— Task to carry out —
In how many lines of the entries below does "IfcWindow" appear? Give only the number.

— Given information —
----------

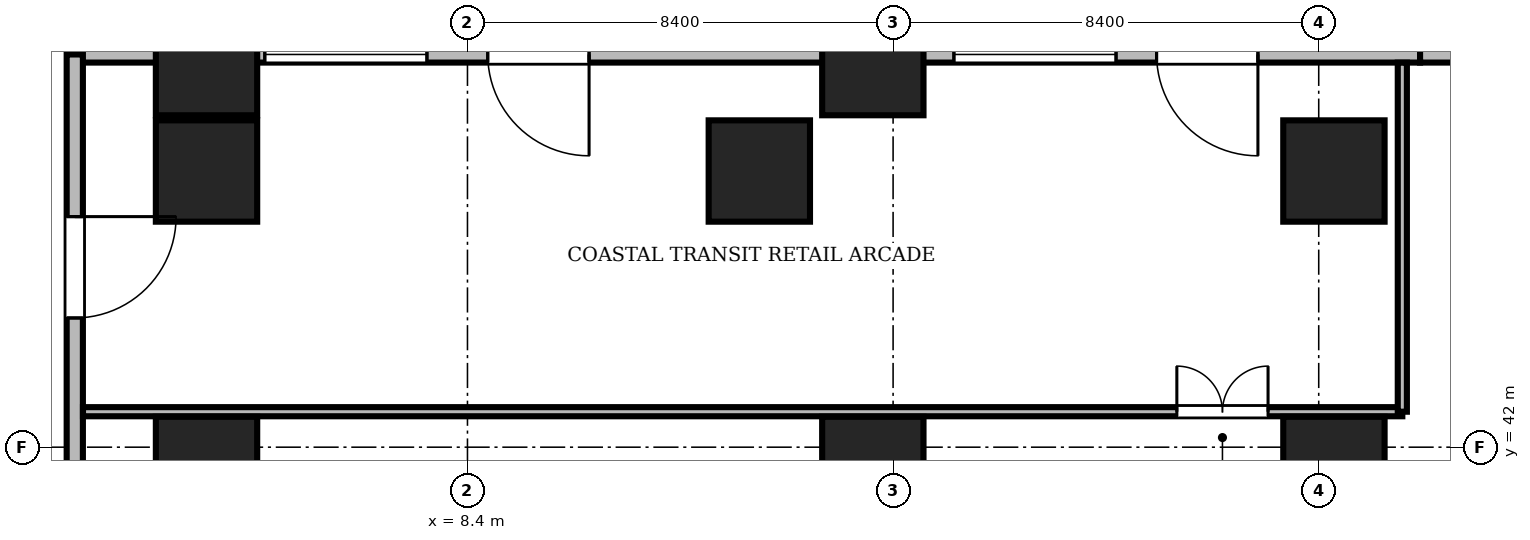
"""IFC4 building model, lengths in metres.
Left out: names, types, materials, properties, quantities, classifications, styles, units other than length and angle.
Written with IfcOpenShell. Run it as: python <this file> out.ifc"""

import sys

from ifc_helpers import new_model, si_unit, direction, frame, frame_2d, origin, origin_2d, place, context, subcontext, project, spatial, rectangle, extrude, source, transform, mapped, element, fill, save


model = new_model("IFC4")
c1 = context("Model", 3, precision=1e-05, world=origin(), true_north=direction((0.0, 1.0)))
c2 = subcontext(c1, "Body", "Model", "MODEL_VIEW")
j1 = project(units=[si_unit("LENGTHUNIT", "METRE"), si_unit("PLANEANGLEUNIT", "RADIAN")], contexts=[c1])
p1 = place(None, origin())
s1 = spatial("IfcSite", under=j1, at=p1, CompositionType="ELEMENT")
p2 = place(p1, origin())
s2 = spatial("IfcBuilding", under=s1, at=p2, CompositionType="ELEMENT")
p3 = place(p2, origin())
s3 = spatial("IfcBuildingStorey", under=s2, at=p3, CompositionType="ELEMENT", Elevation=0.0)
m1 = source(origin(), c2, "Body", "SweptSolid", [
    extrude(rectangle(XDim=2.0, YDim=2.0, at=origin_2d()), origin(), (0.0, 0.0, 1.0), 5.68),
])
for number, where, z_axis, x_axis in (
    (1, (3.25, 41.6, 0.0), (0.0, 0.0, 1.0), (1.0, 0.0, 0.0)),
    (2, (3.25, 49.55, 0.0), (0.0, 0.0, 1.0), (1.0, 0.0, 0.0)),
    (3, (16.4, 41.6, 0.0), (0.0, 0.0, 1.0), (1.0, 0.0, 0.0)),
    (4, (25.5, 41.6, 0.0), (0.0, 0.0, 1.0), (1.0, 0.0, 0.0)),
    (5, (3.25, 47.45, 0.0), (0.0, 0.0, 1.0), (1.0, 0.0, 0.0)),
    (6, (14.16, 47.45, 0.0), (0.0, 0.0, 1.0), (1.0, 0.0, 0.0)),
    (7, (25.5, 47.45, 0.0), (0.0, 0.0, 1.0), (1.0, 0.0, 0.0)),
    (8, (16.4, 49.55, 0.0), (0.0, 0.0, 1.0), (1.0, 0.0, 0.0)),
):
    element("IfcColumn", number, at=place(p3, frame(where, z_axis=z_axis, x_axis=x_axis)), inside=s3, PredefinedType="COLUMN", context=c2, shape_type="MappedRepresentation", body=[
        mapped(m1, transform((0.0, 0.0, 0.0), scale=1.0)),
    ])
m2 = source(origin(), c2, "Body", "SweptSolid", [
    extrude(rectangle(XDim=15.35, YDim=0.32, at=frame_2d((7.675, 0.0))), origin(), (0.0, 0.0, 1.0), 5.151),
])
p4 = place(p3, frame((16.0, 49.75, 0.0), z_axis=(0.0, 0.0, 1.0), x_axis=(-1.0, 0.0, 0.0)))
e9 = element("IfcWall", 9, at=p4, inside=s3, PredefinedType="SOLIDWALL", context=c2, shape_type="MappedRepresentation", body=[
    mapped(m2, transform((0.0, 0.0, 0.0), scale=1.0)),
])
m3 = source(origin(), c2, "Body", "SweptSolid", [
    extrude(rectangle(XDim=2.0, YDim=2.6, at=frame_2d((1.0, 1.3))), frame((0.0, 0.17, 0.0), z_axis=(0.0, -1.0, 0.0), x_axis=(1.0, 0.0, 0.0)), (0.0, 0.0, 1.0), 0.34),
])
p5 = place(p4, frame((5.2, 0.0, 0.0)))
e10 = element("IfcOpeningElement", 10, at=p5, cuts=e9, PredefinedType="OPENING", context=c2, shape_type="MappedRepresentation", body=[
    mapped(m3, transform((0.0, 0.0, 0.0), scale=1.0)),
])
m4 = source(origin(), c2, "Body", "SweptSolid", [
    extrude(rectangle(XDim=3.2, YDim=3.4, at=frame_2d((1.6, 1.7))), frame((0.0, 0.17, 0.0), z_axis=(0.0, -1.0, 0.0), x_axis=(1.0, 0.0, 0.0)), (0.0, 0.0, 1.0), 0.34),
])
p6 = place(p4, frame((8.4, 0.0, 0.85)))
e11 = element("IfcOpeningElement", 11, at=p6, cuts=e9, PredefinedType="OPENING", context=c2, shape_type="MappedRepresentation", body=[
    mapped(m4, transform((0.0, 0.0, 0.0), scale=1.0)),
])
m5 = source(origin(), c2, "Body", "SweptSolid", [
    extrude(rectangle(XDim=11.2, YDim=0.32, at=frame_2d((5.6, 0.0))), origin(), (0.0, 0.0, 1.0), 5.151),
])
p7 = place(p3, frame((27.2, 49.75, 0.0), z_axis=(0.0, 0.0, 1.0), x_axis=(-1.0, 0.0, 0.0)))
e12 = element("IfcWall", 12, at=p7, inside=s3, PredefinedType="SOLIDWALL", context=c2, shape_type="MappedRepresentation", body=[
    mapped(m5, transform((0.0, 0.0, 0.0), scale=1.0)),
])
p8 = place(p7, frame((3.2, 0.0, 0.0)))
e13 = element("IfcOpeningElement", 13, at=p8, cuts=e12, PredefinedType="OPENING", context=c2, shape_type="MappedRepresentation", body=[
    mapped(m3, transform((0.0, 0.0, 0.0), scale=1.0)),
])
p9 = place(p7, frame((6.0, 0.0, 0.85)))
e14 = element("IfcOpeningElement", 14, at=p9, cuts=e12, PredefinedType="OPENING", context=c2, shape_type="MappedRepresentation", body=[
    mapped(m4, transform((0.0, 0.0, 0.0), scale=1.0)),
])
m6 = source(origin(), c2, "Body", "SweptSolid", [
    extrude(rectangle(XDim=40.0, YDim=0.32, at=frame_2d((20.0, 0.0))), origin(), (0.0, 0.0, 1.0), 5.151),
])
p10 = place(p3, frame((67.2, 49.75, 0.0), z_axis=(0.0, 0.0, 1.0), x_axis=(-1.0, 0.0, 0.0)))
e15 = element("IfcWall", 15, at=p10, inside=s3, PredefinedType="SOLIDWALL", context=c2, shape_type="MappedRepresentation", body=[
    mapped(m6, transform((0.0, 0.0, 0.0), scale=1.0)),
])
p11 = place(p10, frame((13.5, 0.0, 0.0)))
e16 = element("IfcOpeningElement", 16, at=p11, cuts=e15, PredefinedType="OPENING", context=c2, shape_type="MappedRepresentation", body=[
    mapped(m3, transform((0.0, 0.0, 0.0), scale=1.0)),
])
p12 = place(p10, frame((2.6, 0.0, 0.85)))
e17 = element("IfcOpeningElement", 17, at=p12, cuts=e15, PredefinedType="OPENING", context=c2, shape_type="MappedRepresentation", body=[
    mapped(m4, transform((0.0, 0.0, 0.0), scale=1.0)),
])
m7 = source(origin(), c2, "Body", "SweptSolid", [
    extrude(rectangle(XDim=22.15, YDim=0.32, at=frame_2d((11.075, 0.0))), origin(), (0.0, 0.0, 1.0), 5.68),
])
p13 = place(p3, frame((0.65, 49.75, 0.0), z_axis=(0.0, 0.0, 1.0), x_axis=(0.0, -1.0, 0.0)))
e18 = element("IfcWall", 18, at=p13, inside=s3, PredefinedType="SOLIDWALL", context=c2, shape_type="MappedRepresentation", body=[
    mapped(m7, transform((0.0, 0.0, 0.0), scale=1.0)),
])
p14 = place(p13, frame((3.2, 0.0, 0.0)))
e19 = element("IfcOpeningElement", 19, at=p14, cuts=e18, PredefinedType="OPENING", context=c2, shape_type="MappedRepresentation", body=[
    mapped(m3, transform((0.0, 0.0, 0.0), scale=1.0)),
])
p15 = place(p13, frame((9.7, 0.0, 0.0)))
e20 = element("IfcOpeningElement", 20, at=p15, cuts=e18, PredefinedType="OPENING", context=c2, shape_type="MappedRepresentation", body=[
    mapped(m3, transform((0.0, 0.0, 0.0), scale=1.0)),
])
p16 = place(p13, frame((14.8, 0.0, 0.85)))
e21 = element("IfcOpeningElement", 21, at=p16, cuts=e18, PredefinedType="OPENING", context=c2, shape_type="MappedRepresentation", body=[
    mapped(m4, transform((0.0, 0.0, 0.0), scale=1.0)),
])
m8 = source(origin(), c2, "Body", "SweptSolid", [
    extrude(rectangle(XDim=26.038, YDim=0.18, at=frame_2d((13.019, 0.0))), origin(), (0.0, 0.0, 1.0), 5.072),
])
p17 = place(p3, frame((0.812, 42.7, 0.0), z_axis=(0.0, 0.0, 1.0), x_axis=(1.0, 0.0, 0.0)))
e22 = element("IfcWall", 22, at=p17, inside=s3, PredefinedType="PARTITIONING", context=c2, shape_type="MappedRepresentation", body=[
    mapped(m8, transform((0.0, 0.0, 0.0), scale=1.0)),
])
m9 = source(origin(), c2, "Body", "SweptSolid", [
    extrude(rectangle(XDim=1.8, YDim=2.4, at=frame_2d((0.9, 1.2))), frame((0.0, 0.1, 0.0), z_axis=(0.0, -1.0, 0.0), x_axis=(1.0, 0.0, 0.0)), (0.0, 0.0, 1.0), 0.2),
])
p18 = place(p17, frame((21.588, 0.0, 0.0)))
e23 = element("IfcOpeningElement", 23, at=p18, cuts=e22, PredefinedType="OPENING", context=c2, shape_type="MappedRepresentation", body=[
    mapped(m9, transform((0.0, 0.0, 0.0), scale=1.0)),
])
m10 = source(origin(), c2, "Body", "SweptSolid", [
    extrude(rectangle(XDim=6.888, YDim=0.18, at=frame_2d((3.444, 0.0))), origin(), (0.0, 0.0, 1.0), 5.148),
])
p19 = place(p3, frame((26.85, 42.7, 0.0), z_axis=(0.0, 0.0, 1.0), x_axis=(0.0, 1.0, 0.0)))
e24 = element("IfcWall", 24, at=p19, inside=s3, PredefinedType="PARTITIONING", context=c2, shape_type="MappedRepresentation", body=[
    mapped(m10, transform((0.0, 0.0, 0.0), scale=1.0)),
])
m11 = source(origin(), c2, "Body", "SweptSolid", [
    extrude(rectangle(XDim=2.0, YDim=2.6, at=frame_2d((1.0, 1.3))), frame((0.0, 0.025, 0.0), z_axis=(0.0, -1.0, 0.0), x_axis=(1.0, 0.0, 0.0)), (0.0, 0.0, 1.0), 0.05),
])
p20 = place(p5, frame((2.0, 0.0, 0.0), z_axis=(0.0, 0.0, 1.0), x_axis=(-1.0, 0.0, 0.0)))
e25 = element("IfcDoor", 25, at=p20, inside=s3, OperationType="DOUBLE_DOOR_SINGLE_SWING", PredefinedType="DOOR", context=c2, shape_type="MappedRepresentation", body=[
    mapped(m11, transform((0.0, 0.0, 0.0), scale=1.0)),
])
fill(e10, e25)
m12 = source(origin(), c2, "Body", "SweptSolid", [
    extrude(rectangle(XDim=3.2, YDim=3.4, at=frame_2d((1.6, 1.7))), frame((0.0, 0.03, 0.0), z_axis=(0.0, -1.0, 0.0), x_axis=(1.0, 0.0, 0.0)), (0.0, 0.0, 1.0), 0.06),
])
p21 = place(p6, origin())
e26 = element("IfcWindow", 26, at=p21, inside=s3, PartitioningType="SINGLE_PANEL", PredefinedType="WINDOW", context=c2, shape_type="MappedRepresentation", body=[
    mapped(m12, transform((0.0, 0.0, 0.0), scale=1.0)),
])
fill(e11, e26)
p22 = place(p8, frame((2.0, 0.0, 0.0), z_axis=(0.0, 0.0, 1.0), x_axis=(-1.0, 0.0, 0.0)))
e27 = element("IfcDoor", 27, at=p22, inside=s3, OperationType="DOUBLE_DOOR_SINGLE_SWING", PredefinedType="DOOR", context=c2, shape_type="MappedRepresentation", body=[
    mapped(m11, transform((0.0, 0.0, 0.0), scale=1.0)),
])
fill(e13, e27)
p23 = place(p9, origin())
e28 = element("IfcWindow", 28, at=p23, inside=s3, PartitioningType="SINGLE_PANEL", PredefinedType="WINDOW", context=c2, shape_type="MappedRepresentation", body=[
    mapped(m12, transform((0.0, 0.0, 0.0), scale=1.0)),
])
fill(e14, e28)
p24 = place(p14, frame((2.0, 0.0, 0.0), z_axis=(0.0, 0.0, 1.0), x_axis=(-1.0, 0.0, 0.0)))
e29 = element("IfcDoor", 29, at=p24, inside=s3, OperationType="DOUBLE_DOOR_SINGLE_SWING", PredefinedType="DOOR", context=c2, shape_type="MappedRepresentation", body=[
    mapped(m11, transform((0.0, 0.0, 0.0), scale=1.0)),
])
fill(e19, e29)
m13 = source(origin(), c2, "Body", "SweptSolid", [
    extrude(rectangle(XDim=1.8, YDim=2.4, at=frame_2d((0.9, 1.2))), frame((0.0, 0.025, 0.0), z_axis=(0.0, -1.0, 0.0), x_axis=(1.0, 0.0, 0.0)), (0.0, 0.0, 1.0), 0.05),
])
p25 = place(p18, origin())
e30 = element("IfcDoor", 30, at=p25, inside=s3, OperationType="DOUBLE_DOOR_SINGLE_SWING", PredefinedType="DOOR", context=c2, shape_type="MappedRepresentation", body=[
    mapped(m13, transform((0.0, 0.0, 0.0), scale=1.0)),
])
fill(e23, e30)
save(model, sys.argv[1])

----------

— Exercise result —
2